• **Action item**:
Below are the entries; give again exactly the lines from the one mentioning "from ifc_helpers import" through the one mentioning "p1 = place(None, origin())", inclusive.

• **Supplied material**:
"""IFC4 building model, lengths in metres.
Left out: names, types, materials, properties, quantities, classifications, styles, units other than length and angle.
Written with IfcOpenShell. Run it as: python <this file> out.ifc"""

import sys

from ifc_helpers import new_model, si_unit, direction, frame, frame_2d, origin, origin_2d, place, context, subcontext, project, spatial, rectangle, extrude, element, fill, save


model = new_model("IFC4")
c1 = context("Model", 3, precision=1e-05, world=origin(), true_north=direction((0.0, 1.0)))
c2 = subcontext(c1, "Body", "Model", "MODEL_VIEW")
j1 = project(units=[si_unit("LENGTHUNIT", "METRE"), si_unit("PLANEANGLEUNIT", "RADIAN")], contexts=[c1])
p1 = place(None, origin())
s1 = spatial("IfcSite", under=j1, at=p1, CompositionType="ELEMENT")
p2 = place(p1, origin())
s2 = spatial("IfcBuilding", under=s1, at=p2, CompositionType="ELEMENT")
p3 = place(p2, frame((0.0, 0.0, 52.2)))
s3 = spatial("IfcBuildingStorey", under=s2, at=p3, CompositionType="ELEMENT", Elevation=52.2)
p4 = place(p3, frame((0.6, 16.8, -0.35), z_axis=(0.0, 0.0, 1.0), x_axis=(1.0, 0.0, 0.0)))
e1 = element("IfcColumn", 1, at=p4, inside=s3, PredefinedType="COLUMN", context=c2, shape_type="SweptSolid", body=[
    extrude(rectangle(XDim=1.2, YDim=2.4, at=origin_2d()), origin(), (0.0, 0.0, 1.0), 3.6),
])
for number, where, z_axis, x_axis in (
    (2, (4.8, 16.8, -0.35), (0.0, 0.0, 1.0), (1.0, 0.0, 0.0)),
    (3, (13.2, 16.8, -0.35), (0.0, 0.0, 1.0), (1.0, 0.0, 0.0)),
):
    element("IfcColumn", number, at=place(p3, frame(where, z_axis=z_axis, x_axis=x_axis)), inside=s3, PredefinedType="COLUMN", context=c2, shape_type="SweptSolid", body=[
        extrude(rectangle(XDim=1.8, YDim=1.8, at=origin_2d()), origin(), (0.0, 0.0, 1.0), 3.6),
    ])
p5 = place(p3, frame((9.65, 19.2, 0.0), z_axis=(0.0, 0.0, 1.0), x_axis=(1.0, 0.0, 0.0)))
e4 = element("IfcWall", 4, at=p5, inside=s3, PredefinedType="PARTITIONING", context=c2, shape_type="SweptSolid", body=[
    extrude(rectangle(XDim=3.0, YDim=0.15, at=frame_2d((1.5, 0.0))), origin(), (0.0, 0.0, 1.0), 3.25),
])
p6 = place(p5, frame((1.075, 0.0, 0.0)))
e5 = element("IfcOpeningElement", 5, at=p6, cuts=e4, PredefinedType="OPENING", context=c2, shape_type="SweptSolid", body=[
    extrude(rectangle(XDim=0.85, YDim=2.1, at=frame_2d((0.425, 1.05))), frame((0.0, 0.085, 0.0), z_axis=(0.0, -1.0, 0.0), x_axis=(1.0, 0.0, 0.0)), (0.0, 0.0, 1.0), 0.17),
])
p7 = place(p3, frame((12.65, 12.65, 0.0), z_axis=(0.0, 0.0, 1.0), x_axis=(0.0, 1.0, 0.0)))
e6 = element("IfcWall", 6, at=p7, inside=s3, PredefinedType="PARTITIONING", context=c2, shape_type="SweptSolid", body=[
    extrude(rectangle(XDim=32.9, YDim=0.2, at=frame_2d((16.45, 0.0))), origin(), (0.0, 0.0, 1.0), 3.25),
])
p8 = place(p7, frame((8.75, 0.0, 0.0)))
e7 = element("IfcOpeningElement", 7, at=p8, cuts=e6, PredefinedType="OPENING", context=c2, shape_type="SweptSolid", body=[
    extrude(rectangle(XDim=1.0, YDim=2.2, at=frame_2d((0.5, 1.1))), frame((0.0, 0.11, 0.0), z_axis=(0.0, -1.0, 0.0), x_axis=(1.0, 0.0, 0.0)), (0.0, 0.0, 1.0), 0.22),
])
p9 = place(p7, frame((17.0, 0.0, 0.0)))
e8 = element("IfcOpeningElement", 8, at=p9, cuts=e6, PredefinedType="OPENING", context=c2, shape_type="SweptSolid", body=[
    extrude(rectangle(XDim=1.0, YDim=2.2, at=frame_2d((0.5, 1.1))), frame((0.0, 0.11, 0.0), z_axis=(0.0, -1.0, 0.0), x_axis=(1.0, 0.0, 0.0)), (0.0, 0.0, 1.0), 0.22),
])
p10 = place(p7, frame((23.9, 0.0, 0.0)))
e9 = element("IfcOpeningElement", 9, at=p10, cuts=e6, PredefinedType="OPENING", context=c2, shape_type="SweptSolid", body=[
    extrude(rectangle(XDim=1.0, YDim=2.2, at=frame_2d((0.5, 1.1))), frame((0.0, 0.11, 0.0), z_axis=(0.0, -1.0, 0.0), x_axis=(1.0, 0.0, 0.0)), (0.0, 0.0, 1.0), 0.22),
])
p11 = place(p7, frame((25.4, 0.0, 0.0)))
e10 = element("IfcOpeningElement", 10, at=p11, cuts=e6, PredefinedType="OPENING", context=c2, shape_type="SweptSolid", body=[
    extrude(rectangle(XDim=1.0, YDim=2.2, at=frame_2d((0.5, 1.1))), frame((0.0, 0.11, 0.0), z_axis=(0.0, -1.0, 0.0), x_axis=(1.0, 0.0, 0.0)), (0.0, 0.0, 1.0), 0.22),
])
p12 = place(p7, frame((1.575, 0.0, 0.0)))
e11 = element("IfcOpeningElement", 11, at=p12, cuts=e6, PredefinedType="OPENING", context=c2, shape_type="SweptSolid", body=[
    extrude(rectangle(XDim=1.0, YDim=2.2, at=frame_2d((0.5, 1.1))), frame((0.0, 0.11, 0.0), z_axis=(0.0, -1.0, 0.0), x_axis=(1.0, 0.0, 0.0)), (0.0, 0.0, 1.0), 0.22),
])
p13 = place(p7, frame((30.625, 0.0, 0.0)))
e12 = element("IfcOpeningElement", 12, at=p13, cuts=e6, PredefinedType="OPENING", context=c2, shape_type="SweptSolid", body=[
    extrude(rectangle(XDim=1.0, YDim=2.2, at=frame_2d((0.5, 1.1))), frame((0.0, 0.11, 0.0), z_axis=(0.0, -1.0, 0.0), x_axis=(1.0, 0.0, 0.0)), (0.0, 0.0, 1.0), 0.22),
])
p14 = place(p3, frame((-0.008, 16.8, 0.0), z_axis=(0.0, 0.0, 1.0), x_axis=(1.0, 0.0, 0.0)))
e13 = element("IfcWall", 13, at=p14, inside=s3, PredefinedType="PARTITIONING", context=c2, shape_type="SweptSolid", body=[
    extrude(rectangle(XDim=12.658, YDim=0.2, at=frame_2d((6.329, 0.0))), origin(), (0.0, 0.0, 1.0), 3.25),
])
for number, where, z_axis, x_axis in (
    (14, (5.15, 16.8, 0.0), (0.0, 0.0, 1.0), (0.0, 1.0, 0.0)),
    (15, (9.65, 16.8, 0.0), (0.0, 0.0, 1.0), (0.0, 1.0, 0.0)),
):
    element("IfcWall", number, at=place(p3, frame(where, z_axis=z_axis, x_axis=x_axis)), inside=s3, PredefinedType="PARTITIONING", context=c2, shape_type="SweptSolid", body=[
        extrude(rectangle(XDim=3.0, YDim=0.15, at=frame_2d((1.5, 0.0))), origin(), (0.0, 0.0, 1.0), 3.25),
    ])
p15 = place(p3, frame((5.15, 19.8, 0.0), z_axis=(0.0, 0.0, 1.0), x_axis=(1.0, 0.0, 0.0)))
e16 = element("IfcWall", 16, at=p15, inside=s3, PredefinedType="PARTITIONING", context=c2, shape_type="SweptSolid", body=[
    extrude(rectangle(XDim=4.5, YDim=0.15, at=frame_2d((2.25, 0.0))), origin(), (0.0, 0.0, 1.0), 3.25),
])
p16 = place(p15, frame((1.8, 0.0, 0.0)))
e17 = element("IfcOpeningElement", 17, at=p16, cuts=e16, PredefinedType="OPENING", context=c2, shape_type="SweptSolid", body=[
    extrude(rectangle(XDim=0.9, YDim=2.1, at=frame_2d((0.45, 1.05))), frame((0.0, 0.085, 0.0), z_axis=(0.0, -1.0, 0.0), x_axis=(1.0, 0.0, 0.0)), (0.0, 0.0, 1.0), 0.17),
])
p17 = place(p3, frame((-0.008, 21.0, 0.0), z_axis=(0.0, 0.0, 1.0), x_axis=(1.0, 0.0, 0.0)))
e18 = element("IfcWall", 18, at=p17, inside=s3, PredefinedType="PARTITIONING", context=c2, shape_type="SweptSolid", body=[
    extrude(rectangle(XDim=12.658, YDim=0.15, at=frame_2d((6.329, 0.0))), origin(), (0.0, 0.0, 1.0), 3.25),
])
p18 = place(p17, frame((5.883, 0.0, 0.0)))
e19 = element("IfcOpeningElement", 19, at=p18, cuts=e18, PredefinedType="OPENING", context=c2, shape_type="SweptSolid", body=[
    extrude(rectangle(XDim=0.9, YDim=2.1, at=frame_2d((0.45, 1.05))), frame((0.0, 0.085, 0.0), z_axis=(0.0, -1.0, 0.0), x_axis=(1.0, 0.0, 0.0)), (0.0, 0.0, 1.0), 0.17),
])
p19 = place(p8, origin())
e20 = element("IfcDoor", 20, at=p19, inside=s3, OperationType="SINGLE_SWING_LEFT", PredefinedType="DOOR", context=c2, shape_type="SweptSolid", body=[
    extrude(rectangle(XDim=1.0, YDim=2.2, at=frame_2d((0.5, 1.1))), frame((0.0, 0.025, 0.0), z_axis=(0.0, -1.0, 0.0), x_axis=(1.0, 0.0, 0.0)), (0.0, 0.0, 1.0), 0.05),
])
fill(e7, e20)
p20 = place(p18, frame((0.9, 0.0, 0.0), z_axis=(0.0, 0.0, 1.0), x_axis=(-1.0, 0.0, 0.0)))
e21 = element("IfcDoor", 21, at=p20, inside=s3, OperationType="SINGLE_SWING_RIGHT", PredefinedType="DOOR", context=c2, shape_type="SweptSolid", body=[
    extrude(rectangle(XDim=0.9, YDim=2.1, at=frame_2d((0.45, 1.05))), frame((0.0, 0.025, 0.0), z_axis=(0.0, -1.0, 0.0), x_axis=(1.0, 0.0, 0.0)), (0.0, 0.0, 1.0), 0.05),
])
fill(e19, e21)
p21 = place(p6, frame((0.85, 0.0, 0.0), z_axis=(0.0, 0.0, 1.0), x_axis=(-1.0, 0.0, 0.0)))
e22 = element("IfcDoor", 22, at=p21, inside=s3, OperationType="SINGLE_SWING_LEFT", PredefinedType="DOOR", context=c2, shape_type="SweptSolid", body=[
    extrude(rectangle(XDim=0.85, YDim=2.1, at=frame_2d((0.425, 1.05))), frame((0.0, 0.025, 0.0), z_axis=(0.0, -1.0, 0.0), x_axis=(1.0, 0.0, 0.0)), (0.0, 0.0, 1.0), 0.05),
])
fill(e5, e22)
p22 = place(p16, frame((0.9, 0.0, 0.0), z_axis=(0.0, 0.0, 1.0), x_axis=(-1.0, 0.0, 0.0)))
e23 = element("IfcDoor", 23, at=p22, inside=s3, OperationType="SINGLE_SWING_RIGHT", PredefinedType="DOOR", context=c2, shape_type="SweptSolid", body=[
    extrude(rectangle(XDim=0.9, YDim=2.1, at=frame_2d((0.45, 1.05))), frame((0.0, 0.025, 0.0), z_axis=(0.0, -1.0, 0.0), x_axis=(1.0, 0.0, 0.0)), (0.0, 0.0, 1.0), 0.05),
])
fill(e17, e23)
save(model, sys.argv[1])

• **Answer below**:
from ifc_helpers import new_model, si_unit, direction, frame, frame_2d, origin, origin_2d, place, context, subcontext, project, spatial, rectangle, extrude, element, fill, save


model = new_model("IFC4")
c1 = context("Model", 3, precision=1e-05, world=origin(), true_north=direction((0.0, 1.0)))
c2 = subcontext(c1, "Body", "Model", "MODEL_VIEW")
j1 = project(units=[si_unit("LENGTHUNIT", "METRE"), si_unit("PLANEANGLEUNIT", "RADIAN")], contexts=[c1])
p1 = place(None, origin())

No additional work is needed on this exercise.